= Task to complete =
Every line in the material below that includes "save" should be copied.
-*-
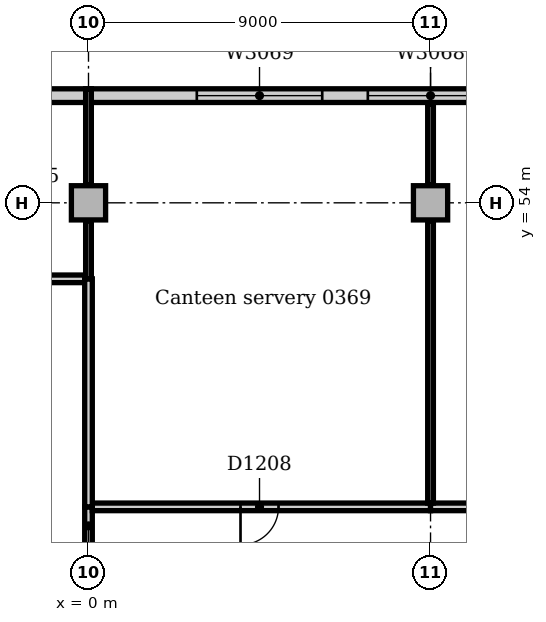
"""IFC4 building model, lengths in metres.
Left out: names, types, materials, properties, quantities, classifications, styles, units other than length and angle.
Written with IfcOpenShell. Run it as: python <this file> out.ifc"""

import sys

from ifc_helpers import new_model, si_unit, direction, frame, frame_2d, origin, origin_2d, place, context, subcontext, project, spatial, rectangle, extrude, element, fill, save


model = new_model("IFC4")
c1 = context("Model", 3, precision=1e-05, world=origin(), true_north=direction((0.0, 1.0)))
c2 = subcontext(c1, "Body", "Model", "MODEL_VIEW")
j1 = project(units=[si_unit("LENGTHUNIT", "METRE"), si_unit("PLANEANGLEUNIT", "RADIAN")], contexts=[c1])
p1 = place(None, origin())
s1 = spatial("IfcSite", under=j1, at=p1, CompositionType="ELEMENT")
p2 = place(p1, origin())
s2 = spatial("IfcBuilding", under=s1, at=p2, CompositionType="ELEMENT")
p3 = place(p2, frame((0.0, 0.0, 16.0)))
s3 = spatial("IfcBuildingStorey", under=s2, at=p3, CompositionType="ELEMENT", Elevation=16.0)
for number, where, z_axis, x_axis in (
    (1, (0.0, 54.0, 0.0), (0.0, 0.0, 1.0), (1.0, 0.0, 0.0)),
    (2, (9.0, 54.0, 0.0), (0.0, 0.0, 1.0), (1.0, 0.0, 0.0)),
):
    element("IfcColumn", number, at=place(p3, frame(where, z_axis=z_axis, x_axis=x_axis)), inside=s3, PredefinedType="COLUMN", context=c2, shape_type="SweptSolid", body=[
        extrude(rectangle(XDim=0.9, YDim=0.9, at=origin_2d()), origin(), (0.0, 0.0, 1.0), 4.7),
    ])
p4 = place(p3, frame((63.0, 56.82, 0.0), z_axis=(0.0, 0.0, 1.0), x_axis=(-1.0, 0.0, 0.0)))
e3 = element("IfcWall", 3, at=p4, inside=s3, PredefinedType="STANDARD", context=c2, shape_type="SweptSolid", body=[
    extrude(rectangle(XDim=144.0, YDim=0.36, at=frame_2d((72.0, 0.0))), origin(), (0.0, 0.0, 1.0), 4.7),
])
p5 = place(p4, frame((2.85, 0.0, 0.9)))
e4 = element("IfcOpeningElement", 4, at=p5, cuts=e3, PredefinedType="OPENING", context=c2, shape_type="SweptSolid", body=[
    extrude(rectangle(XDim=3.3, YDim=2.4, at=frame_2d((1.65, 1.2))), frame((0.0, 0.19, 0.0), z_axis=(0.0, -1.0, 0.0), x_axis=(1.0, 0.0, 0.0)), (0.0, 0.0, 1.0), 0.38),
])
p6 = place(p4, frame((7.35, 0.0, 0.9)))
e5 = element("IfcOpeningElement", 5, at=p6, cuts=e3, PredefinedType="OPENING", context=c2, shape_type="SweptSolid", body=[
    extrude(rectangle(XDim=3.3, YDim=2.4, at=frame_2d((1.65, 1.2))), frame((0.0, 0.19, 0.0), z_axis=(0.0, -1.0, 0.0), x_axis=(1.0, 0.0, 0.0)), (0.0, 0.0, 1.0), 0.38),
])
p7 = place(p4, frame((11.85, 0.0, 0.9)))
e6 = element("IfcOpeningElement", 6, at=p7, cuts=e3, PredefinedType="OPENING", context=c2, shape_type="SweptSolid", body=[
    extrude(rectangle(XDim=3.3, YDim=2.4, at=frame_2d((1.65, 1.2))), frame((0.0, 0.19, 0.0), z_axis=(0.0, -1.0, 0.0), x_axis=(1.0, 0.0, 0.0)), (0.0, 0.0, 1.0), 0.38),
])
p8 = place(p4, frame((16.35, 0.0, 0.9)))
e7 = element("IfcOpeningElement", 7, at=p8, cuts=e3, PredefinedType="OPENING", context=c2, shape_type="SweptSolid", body=[
    extrude(rectangle(XDim=3.3, YDim=2.4, at=frame_2d((1.65, 1.2))), frame((0.0, 0.19, 0.0), z_axis=(0.0, -1.0, 0.0), x_axis=(1.0, 0.0, 0.0)), (0.0, 0.0, 1.0), 0.38),
])
p9 = place(p4, frame((20.85, 0.0, 0.9)))
e8 = element("IfcOpeningElement", 8, at=p9, cuts=e3, PredefinedType="OPENING", context=c2, shape_type="SweptSolid", body=[
    extrude(rectangle(XDim=3.3, YDim=2.4, at=frame_2d((1.65, 1.2))), frame((0.0, 0.19, 0.0), z_axis=(0.0, -1.0, 0.0), x_axis=(1.0, 0.0, 0.0)), (0.0, 0.0, 1.0), 0.38),
])
p10 = place(p4, frame((25.35, 0.0, 0.9)))
e9 = element("IfcOpeningElement", 9, at=p10, cuts=e3, PredefinedType="OPENING", context=c2, shape_type="SweptSolid", body=[
    extrude(rectangle(XDim=3.3, YDim=2.4, at=frame_2d((1.65, 1.2))), frame((0.0, 0.19, 0.0), z_axis=(0.0, -1.0, 0.0), x_axis=(1.0, 0.0, 0.0)), (0.0, 0.0, 1.0), 0.38),
])
p11 = place(p4, frame((29.85, 0.0, 0.9)))
e10 = element("IfcOpeningElement", 10, at=p11, cuts=e3, PredefinedType="OPENING", context=c2, shape_type="SweptSolid", body=[
    extrude(rectangle(XDim=3.3, YDim=2.4, at=frame_2d((1.65, 1.2))), frame((0.0, 0.19, 0.0), z_axis=(0.0, -1.0, 0.0), x_axis=(1.0, 0.0, 0.0)), (0.0, 0.0, 1.0), 0.38),
])
p12 = place(p4, frame((34.35, 0.0, 0.9)))
e11 = element("IfcOpeningElement", 11, at=p12, cuts=e3, PredefinedType="OPENING", context=c2, shape_type="SweptSolid", body=[
    extrude(rectangle(XDim=3.3, YDim=2.4, at=frame_2d((1.65, 1.2))), frame((0.0, 0.19, 0.0), z_axis=(0.0, -1.0, 0.0), x_axis=(1.0, 0.0, 0.0)), (0.0, 0.0, 1.0), 0.38),
])
p13 = place(p4, frame((38.85, 0.0, 0.9)))
e12 = element("IfcOpeningElement", 12, at=p13, cuts=e3, PredefinedType="OPENING", context=c2, shape_type="SweptSolid", body=[
    extrude(rectangle(XDim=3.3, YDim=2.4, at=frame_2d((1.65, 1.2))), frame((0.0, 0.19, 0.0), z_axis=(0.0, -1.0, 0.0), x_axis=(1.0, 0.0, 0.0)), (0.0, 0.0, 1.0), 0.38),
])
p14 = place(p4, frame((43.35, 0.0, 0.9)))
e13 = element("IfcOpeningElement", 13, at=p14, cuts=e3, PredefinedType="OPENING", context=c2, shape_type="SweptSolid", body=[
    extrude(rectangle(XDim=3.3, YDim=2.4, at=frame_2d((1.65, 1.2))), frame((0.0, 0.19, 0.0), z_axis=(0.0, -1.0, 0.0), x_axis=(1.0, 0.0, 0.0)), (0.0, 0.0, 1.0), 0.38),
])
p15 = place(p4, frame((47.85, 0.0, 0.9)))
e14 = element("IfcOpeningElement", 14, at=p15, cuts=e3, PredefinedType="OPENING", context=c2, shape_type="SweptSolid", body=[
    extrude(rectangle(XDim=3.3, YDim=2.4, at=frame_2d((1.65, 1.2))), frame((0.0, 0.19, 0.0), z_axis=(0.0, -1.0, 0.0), x_axis=(1.0, 0.0, 0.0)), (0.0, 0.0, 1.0), 0.38),
])
p16 = place(p4, frame((52.35, 0.0, 0.9)))
e15 = element("IfcOpeningElement", 15, at=p16, cuts=e3, PredefinedType="OPENING", context=c2, shape_type="SweptSolid", body=[
    extrude(rectangle(XDim=3.3, YDim=2.4, at=frame_2d((1.65, 1.2))), frame((0.0, 0.19, 0.0), z_axis=(0.0, -1.0, 0.0), x_axis=(1.0, 0.0, 0.0)), (0.0, 0.0, 1.0), 0.38),
])
p17 = place(p4, frame((56.85, 0.0, 0.9)))
e16 = element("IfcOpeningElement", 16, at=p17, cuts=e3, PredefinedType="OPENING", context=c2, shape_type="SweptSolid", body=[
    extrude(rectangle(XDim=3.3, YDim=2.4, at=frame_2d((1.65, 1.2))), frame((0.0, 0.19, 0.0), z_axis=(0.0, -1.0, 0.0), x_axis=(1.0, 0.0, 0.0)), (0.0, 0.0, 1.0), 0.38),
])
p18 = place(p4, frame((92.85, 0.0, 0.9)))
e17 = element("IfcOpeningElement", 17, at=p18, cuts=e3, PredefinedType="OPENING", context=c2, shape_type="SweptSolid", body=[
    extrude(rectangle(XDim=3.3, YDim=2.4, at=frame_2d((1.65, 1.2))), frame((0.0, 0.19, 0.0), z_axis=(0.0, -1.0, 0.0), x_axis=(1.0, 0.0, 0.0)), (0.0, 0.0, 1.0), 0.38),
])
p19 = place(p4, frame((97.35, 0.0, 0.9)))
e18 = element("IfcOpeningElement", 18, at=p19, cuts=e3, PredefinedType="OPENING", context=c2, shape_type="SweptSolid", body=[
    extrude(rectangle(XDim=3.3, YDim=2.4, at=frame_2d((1.65, 1.2))), frame((0.0, 0.19, 0.0), z_axis=(0.0, -1.0, 0.0), x_axis=(1.0, 0.0, 0.0)), (0.0, 0.0, 1.0), 0.38),
])
p20 = place(p4, frame((101.85, 0.0, 0.9)))
e19 = element("IfcOpeningElement", 19, at=p20, cuts=e3, PredefinedType="OPENING", context=c2, shape_type="SweptSolid", body=[
    extrude(rectangle(XDim=3.3, YDim=2.4, at=frame_2d((1.65, 1.2))), frame((0.0, 0.19, 0.0), z_axis=(0.0, -1.0, 0.0), x_axis=(1.0, 0.0, 0.0)), (0.0, 0.0, 1.0), 0.38),
])
p21 = place(p4, frame((106.35, 0.0, 0.9)))
e20 = element("IfcOpeningElement", 20, at=p21, cuts=e3, PredefinedType="OPENING", context=c2, shape_type="SweptSolid", body=[
    extrude(rectangle(XDim=3.3, YDim=2.4, at=frame_2d((1.65, 1.2))), frame((0.0, 0.19, 0.0), z_axis=(0.0, -1.0, 0.0), x_axis=(1.0, 0.0, 0.0)), (0.0, 0.0, 1.0), 0.38),
])
p22 = place(p4, frame((110.85, 0.0, 0.9)))
e21 = element("IfcOpeningElement", 21, at=p22, cuts=e3, PredefinedType="OPENING", context=c2, shape_type="SweptSolid", body=[
    extrude(rectangle(XDim=3.3, YDim=2.4, at=frame_2d((1.65, 1.2))), frame((0.0, 0.19, 0.0), z_axis=(0.0, -1.0, 0.0), x_axis=(1.0, 0.0, 0.0)), (0.0, 0.0, 1.0), 0.38),
])
p23 = place(p4, frame((115.35, 0.0, 0.9)))
e22 = element("IfcOpeningElement", 22, at=p23, cuts=e3, PredefinedType="OPENING", context=c2, shape_type="SweptSolid", body=[
    extrude(rectangle(XDim=3.3, YDim=2.4, at=frame_2d((1.65, 1.2))), frame((0.0, 0.19, 0.0), z_axis=(0.0, -1.0, 0.0), x_axis=(1.0, 0.0, 0.0)), (0.0, 0.0, 1.0), 0.38),
])
p24 = place(p4, frame((119.85, 0.0, 0.9)))
e23 = element("IfcOpeningElement", 23, at=p24, cuts=e3, PredefinedType="OPENING", context=c2, shape_type="SweptSolid", body=[
    extrude(rectangle(XDim=3.3, YDim=2.4, at=frame_2d((1.65, 1.2))), frame((0.0, 0.19, 0.0), z_axis=(0.0, -1.0, 0.0), x_axis=(1.0, 0.0, 0.0)), (0.0, 0.0, 1.0), 0.38),
])
p25 = place(p4, frame((124.35, 0.0, 0.9)))
e24 = element("IfcOpeningElement", 24, at=p25, cuts=e3, PredefinedType="OPENING", context=c2, shape_type="SweptSolid", body=[
    extrude(rectangle(XDim=3.3, YDim=2.4, at=frame_2d((1.65, 1.2))), frame((0.0, 0.19, 0.0), z_axis=(0.0, -1.0, 0.0), x_axis=(1.0, 0.0, 0.0)), (0.0, 0.0, 1.0), 0.38),
])
p26 = place(p4, frame((128.85, 0.0, 0.9)))
e25 = element("IfcOpeningElement", 25, at=p26, cuts=e3, PredefinedType="OPENING", context=c2, shape_type="SweptSolid", body=[
    extrude(rectangle(XDim=3.3, YDim=2.4, at=frame_2d((1.65, 1.2))), frame((0.0, 0.19, 0.0), z_axis=(0.0, -1.0, 0.0), x_axis=(1.0, 0.0, 0.0)), (0.0, 0.0, 1.0), 0.38),
])
p27 = place(p4, frame((133.35, 0.0, 0.9)))
e26 = element("IfcOpeningElement", 26, at=p27, cuts=e3, PredefinedType="OPENING", context=c2, shape_type="SweptSolid", body=[
    extrude(rectangle(XDim=3.3, YDim=2.4, at=frame_2d((1.65, 1.2))), frame((0.0, 0.19, 0.0), z_axis=(0.0, -1.0, 0.0), x_axis=(1.0, 0.0, 0.0)), (0.0, 0.0, 1.0), 0.38),
])
p28 = place(p4, frame((137.85, 0.0, 0.9)))
e27 = element("IfcOpeningElement", 27, at=p28, cuts=e3, PredefinedType="OPENING", context=c2, shape_type="SweptSolid", body=[
    extrude(rectangle(XDim=3.3, YDim=2.4, at=frame_2d((1.65, 1.2))), frame((0.0, 0.19, 0.0), z_axis=(0.0, -1.0, 0.0), x_axis=(1.0, 0.0, 0.0)), (0.0, 0.0, 1.0), 0.38),
])
p29 = place(p3, frame((0.0, 45.0, 0.0), z_axis=(0.0, 0.0, 1.0), x_axis=(0.0, 1.0, 0.0)))
e28 = element("IfcWall", 28, at=p29, inside=s3, PredefinedType="PARTITIONING", context=c2, shape_type="SweptSolid", body=[
    extrude(rectangle(XDim=1.0, YDim=0.2, at=frame_2d((0.5, 0.0))), origin(), (0.0, 0.0, 1.0), 4.7),
])
p30 = place(p3, frame((0.1, 46.0, 0.0), z_axis=(0.0, 0.0, 1.0), x_axis=(1.0, 0.0, 0.0)))
e29 = element("IfcWall", 29, at=p30, inside=s3, PredefinedType="PARTITIONING", context=c2, shape_type="SweptSolid", body=[
    extrude(rectangle(XDim=8.9, YDim=0.2, at=frame_2d((4.45, 0.0))), origin(), (0.0, 0.0, 1.0), 4.7),
])
p31 = place(p30, frame((3.9, 0.0, 0.0)))
e30 = element("IfcOpeningElement", 30, at=p31, cuts=e29, PredefinedType="OPENING", context=c2, shape_type="SweptSolid", body=[
    extrude(rectangle(XDim=1.0, YDim=2.1, at=frame_2d((0.5, 1.05))), frame((0.0, 0.11, 0.0), z_axis=(0.0, -1.0, 0.0), x_axis=(1.0, 0.0, 0.0)), (0.0, 0.0, 1.0), 0.22),
])
p32 = place(p3, frame((9.0, 46.0, 0.0), z_axis=(0.0, 0.0, 1.0), x_axis=(1.0, 0.0, 0.0)))
e31 = element("IfcWall", 31, at=p32, inside=s3, PredefinedType="PARTITIONING", context=c2, shape_type="SweptSolid", body=[
    extrude(rectangle(XDim=9.0, YDim=0.2, at=frame_2d((4.5, 0.0))), origin(), (0.0, 0.0, 1.0), 4.7),
])
p33 = place(p32, frame((4.0, 0.0, 0.0)))
e32 = element("IfcOpeningElement", 32, at=p33, cuts=e31, PredefinedType="OPENING", context=c2, shape_type="SweptSolid", body=[
    extrude(rectangle(XDim=1.0, YDim=2.1, at=frame_2d((0.5, 1.05))), frame((0.0, 0.11, 0.0), z_axis=(0.0, -1.0, 0.0), x_axis=(1.0, 0.0, 0.0)), (0.0, 0.0, 1.0), 0.22),
])
p34 = place(p3, frame((-9.0, 52.0, 0.0), z_axis=(0.0, 0.0, 1.0), x_axis=(1.0, 0.0, 0.0)))
e33 = element("IfcWall", 33, at=p34, inside=s3, PredefinedType="PARTITIONING", context=c2, shape_type="SweptSolid", body=[
    extrude(rectangle(XDim=8.9, YDim=0.2, at=frame_2d((4.45, 0.0))), origin(), (0.0, 0.0, 1.0), 4.7),
])
p35 = place(p34, frame((4.0, 0.0, 0.0)))
e34 = element("IfcOpeningElement", 34, at=p35, cuts=e33, PredefinedType="OPENING", context=c2, shape_type="SweptSolid", body=[
    extrude(rectangle(XDim=1.0, YDim=2.1, at=frame_2d((0.5, 1.05))), frame((0.0, 0.11, 0.0), z_axis=(0.0, -1.0, 0.0), x_axis=(1.0, 0.0, 0.0)), (0.0, 0.0, 1.0), 0.22),
])
p36 = place(p3, frame((0.0, 46.0, 0.0), z_axis=(0.0, 0.0, 1.0), x_axis=(0.0, 1.0, 0.0)))
e35 = element("IfcWall", 35, at=p36, inside=s3, PredefinedType="PARTITIONING", context=c2, shape_type="SweptSolid", body=[
    extrude(rectangle(XDim=6.0, YDim=0.2, at=frame_2d((3.0, 0.0))), origin(), (0.0, 0.0, 1.0), 4.7),
])
p37 = place(p3, frame((0.0, 52.0, 0.0), z_axis=(0.0, 0.0, 1.0), x_axis=(0.0, 1.0, 0.0)))
e36 = element("IfcWall", 36, at=p37, inside=s3, PredefinedType="PARTITIONING", context=c2, shape_type="SweptSolid", body=[
    extrude(rectangle(XDim=1.53, YDim=0.15, at=frame_2d((0.765, 0.0))), origin(), (0.0, 0.0, 1.0), 4.7),
])
p38 = place(p3, frame((0.0, 54.47, 0.0), z_axis=(0.0, 0.0, 1.0), x_axis=(0.0, 1.0, 0.0)))
e37 = element("IfcWall", 37, at=p38, inside=s3, PredefinedType="PARTITIONING", context=c2, shape_type="SweptSolid", body=[
    extrude(rectangle(XDim=2.53, YDim=0.15, at=frame_2d((1.265, 0.0))), origin(), (0.0, 0.0, 1.0), 4.7),
])
p39 = place(p3, frame((9.0, 46.1, 0.0), z_axis=(0.0, 0.0, 1.0), x_axis=(0.0, 1.0, 0.0)))
e38 = element("IfcWall", 38, at=p39, inside=s3, PredefinedType="PARTITIONING", context=c2, shape_type="SweptSolid", body=[
    extrude(rectangle(XDim=7.43, YDim=0.15, at=frame_2d((3.715, 0.0))), origin(), (0.0, 0.0, 1.0), 4.7),
])
p40 = place(p3, frame((9.0, 54.47, 0.0), z_axis=(0.0, 0.0, 1.0), x_axis=(0.0, 1.0, 0.0)))
e39 = element("IfcWall", 39, at=p40, inside=s3, PredefinedType="PARTITIONING", context=c2, shape_type="SweptSolid", body=[
    extrude(rectangle(XDim=2.13, YDim=0.15, at=frame_2d((1.065, 0.0))), origin(), (0.0, 0.0, 1.0), 4.7),
])
p41 = place(p16, origin())
e40 = element("IfcWindow", 40, at=p41, inside=s3, PartitioningType="SINGLE_PANEL", PredefinedType="WINDOW", context=c2, shape_type="SweptSolid", body=[
    extrude(rectangle(XDim=3.3, YDim=2.4, at=frame_2d((1.65, 1.2))), frame((0.0, 0.13, 0.0), z_axis=(0.0, -1.0, 0.0), x_axis=(1.0, 0.0, 0.0)), (0.0, 0.0, 1.0), 0.06),
])
fill(e15, e40)
p42 = place(p17, origin())
e41 = element("IfcWindow", 41, at=p42, inside=s3, PartitioningType="SINGLE_PANEL", PredefinedType="WINDOW", context=c2, shape_type="SweptSolid", body=[
    extrude(rectangle(XDim=3.3, YDim=2.4, at=frame_2d((1.65, 1.2))), frame((0.0, 0.13, 0.0), z_axis=(0.0, -1.0, 0.0), x_axis=(1.0, 0.0, 0.0)), (0.0, 0.0, 1.0), 0.06),
])
fill(e16, e41)
p43 = place(p31, frame((1.0, 0.0, 0.0), z_axis=(0.0, 0.0, 1.0), x_axis=(-1.0, 0.0, 0.0)))
e42 = element("IfcDoor", 42, at=p43, inside=s3, OperationType="SINGLE_SWING_RIGHT", PredefinedType="DOOR", context=c2, shape_type="SweptSolid", body=[
    extrude(rectangle(XDim=1.0, YDim=2.1, at=frame_2d((0.5, 1.05))), frame((0.0, 0.025, 0.0), z_axis=(0.0, -1.0, 0.0), x_axis=(1.0, 0.0, 0.0)), (0.0, 0.0, 1.0), 0.05),
])
fill(e30, e42)
save(model, sys.argv[1])
-*-
= Output for this task =
from ifc_helpers import new_model, si_unit, direction, frame, frame_2d, origin, origin_2d, place, context, subcontext, project, spatial, rectangle, extrude, element, fill, save
save(model, sys.argv[1])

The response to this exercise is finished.